__Data section__.

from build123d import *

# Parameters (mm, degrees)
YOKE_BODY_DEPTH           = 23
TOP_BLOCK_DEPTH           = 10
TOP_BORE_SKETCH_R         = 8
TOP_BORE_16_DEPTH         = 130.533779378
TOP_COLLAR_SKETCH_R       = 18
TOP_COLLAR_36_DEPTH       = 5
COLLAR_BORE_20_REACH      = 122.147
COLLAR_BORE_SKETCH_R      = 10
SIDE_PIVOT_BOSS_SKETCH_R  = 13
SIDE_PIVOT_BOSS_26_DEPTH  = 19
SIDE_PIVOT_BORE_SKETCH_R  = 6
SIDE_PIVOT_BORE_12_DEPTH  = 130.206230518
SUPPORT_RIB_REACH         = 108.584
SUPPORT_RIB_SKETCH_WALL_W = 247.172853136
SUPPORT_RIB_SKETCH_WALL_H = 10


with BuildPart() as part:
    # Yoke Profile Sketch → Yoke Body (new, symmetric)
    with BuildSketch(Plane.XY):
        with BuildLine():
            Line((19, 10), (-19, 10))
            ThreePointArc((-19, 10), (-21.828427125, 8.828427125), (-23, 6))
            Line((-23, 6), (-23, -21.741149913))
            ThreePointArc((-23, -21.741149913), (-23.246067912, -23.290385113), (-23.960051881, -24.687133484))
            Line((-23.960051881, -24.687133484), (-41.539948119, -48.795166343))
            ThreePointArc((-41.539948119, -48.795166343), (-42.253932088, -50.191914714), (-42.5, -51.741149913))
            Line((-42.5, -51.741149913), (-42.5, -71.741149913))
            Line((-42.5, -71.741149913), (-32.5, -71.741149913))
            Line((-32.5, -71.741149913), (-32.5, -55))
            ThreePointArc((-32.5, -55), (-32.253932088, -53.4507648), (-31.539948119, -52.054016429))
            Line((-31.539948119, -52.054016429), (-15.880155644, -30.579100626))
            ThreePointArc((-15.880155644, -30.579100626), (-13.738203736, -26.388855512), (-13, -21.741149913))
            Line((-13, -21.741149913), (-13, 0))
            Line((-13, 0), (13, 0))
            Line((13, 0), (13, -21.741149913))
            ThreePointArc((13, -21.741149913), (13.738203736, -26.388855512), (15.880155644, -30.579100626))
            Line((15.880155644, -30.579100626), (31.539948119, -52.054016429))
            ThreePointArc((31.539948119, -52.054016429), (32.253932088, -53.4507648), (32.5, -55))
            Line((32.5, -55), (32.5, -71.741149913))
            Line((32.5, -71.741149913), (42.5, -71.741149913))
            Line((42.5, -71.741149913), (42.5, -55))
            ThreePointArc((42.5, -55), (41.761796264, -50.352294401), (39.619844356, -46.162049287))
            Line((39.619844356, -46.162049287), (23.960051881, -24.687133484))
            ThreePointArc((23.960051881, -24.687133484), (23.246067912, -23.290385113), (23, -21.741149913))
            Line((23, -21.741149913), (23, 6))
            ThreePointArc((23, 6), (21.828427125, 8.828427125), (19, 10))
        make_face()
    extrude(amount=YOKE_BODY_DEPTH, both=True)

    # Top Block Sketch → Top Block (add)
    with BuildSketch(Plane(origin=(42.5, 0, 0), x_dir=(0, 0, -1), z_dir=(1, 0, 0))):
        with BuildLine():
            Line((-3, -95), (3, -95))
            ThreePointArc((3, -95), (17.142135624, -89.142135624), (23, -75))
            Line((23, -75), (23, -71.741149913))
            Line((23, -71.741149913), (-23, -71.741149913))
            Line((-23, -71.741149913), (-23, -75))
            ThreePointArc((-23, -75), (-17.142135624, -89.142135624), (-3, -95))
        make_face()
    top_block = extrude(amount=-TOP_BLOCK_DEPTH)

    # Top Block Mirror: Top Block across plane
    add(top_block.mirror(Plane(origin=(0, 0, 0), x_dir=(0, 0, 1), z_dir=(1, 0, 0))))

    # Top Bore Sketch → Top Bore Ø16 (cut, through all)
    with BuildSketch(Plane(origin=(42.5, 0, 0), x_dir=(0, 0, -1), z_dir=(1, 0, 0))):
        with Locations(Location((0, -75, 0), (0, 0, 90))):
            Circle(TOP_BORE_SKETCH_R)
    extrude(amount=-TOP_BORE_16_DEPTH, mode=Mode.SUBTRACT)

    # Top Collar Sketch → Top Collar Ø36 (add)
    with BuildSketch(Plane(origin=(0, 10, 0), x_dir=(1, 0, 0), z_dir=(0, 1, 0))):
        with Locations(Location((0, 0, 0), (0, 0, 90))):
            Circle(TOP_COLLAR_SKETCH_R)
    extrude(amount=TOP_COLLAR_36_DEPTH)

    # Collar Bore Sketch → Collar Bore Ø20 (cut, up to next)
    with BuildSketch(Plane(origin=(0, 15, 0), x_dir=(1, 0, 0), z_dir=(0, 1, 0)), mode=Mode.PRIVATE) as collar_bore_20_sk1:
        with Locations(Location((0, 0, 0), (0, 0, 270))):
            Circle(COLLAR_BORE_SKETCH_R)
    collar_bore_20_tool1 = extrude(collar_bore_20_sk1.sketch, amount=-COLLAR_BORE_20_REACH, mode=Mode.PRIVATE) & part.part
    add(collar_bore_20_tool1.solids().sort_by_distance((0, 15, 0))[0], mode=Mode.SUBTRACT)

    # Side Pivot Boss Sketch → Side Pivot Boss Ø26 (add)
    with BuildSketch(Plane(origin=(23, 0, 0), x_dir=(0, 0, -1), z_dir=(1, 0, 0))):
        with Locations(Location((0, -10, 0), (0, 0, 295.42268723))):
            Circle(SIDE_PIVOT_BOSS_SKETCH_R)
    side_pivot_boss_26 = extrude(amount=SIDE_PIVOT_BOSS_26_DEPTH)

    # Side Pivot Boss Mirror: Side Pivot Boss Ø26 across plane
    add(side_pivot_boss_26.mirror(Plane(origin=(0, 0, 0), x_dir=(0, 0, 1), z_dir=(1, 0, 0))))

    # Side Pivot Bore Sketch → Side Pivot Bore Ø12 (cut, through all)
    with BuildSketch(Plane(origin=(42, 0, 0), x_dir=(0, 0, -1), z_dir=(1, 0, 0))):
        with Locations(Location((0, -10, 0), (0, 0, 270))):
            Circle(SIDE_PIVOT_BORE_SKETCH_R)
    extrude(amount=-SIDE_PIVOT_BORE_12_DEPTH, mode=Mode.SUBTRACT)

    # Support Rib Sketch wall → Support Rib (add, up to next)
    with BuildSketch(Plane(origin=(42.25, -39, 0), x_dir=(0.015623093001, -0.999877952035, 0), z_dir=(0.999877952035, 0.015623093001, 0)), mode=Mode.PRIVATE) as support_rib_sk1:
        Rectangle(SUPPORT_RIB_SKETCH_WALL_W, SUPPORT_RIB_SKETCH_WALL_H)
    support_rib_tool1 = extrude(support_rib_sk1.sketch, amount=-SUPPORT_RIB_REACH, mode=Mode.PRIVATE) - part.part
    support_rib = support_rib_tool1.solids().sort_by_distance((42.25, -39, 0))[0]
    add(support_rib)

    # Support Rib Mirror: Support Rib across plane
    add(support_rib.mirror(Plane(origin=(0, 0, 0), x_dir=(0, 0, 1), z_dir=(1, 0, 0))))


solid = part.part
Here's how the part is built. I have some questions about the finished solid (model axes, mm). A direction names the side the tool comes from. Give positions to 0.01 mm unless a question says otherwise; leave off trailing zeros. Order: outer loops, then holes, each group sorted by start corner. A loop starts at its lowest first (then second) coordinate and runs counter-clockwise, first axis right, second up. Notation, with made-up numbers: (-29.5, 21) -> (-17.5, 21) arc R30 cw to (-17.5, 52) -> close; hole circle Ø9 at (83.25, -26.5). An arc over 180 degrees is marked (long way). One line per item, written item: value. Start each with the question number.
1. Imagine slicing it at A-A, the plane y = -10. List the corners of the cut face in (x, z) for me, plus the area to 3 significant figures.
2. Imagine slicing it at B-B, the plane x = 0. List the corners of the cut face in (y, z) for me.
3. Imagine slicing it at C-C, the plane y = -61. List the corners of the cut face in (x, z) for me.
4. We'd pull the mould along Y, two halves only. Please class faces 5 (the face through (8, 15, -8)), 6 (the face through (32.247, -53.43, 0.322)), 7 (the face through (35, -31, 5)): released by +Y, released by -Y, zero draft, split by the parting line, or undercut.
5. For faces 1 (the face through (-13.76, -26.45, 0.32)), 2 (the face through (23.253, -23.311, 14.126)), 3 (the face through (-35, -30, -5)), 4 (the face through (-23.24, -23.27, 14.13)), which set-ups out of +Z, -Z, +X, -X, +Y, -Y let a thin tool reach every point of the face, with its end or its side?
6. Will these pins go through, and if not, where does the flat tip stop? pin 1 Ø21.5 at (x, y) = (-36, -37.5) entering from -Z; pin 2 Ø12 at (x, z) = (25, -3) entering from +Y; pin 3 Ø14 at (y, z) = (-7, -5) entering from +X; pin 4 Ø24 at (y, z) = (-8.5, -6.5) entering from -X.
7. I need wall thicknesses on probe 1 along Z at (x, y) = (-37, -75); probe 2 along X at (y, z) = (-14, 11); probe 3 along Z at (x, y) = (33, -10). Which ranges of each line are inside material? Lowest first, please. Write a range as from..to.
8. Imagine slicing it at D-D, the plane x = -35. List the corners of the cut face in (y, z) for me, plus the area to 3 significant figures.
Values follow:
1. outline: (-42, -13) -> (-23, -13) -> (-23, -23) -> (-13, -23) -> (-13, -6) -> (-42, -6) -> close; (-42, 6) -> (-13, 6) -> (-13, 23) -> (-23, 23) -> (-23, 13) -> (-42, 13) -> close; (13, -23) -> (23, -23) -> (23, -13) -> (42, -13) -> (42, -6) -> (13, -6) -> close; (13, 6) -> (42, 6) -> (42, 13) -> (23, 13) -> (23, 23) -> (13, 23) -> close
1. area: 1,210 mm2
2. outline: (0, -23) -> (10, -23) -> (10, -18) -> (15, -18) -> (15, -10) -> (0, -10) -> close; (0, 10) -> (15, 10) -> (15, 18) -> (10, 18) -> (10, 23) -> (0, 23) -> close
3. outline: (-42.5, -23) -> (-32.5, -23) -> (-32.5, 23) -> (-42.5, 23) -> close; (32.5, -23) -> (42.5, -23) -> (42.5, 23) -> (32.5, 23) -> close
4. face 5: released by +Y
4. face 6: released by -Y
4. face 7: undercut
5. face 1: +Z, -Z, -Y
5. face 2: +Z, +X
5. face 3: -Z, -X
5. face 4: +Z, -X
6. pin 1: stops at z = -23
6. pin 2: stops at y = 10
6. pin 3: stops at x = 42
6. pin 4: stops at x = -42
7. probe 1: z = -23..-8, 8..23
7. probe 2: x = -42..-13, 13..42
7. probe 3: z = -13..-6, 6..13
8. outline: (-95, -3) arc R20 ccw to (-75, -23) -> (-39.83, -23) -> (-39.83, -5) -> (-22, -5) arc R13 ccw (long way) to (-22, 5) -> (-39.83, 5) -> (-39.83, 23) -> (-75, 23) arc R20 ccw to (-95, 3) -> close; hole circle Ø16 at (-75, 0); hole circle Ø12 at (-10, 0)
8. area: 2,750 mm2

__What is being asked__. Would you output, unchanged, each line from the start of the records to the line that holds "Line((19, 10), (-19, 10))", both included and nothing else?

__Task solution__.
from build123d import *

# Parameters (mm, degrees)
YOKE_BODY_DEPTH           = 23
TOP_BLOCK_DEPTH           = 10
TOP_BORE_SKETCH_R         = 8
TOP_BORE_16_DEPTH         = 130.533779378
TOP_COLLAR_SKETCH_R       = 18
TOP_COLLAR_36_DEPTH       = 5
COLLAR_BORE_20_REACH      = 122.147
COLLAR_BORE_SKETCH_R      = 10
SIDE_PIVOT_BOSS_SKETCH_R  = 13
SIDE_PIVOT_BOSS_26_DEPTH  = 19
SIDE_PIVOT_BORE_SKETCH_R  = 6
SIDE_PIVOT_BORE_12_DEPTH  = 130.206230518
SUPPORT_RIB_REACH         = 108.584
SUPPORT_RIB_SKETCH_WALL_W = 247.172853136
SUPPORT_RIB_SKETCH_WALL_H = 10


with BuildPart() as part:
    # Yoke Profile Sketch → Yoke Body (new, symmetric)
    with BuildSketch(Plane.XY):
        with BuildLine():
            Line((19, 10), (-19, 10))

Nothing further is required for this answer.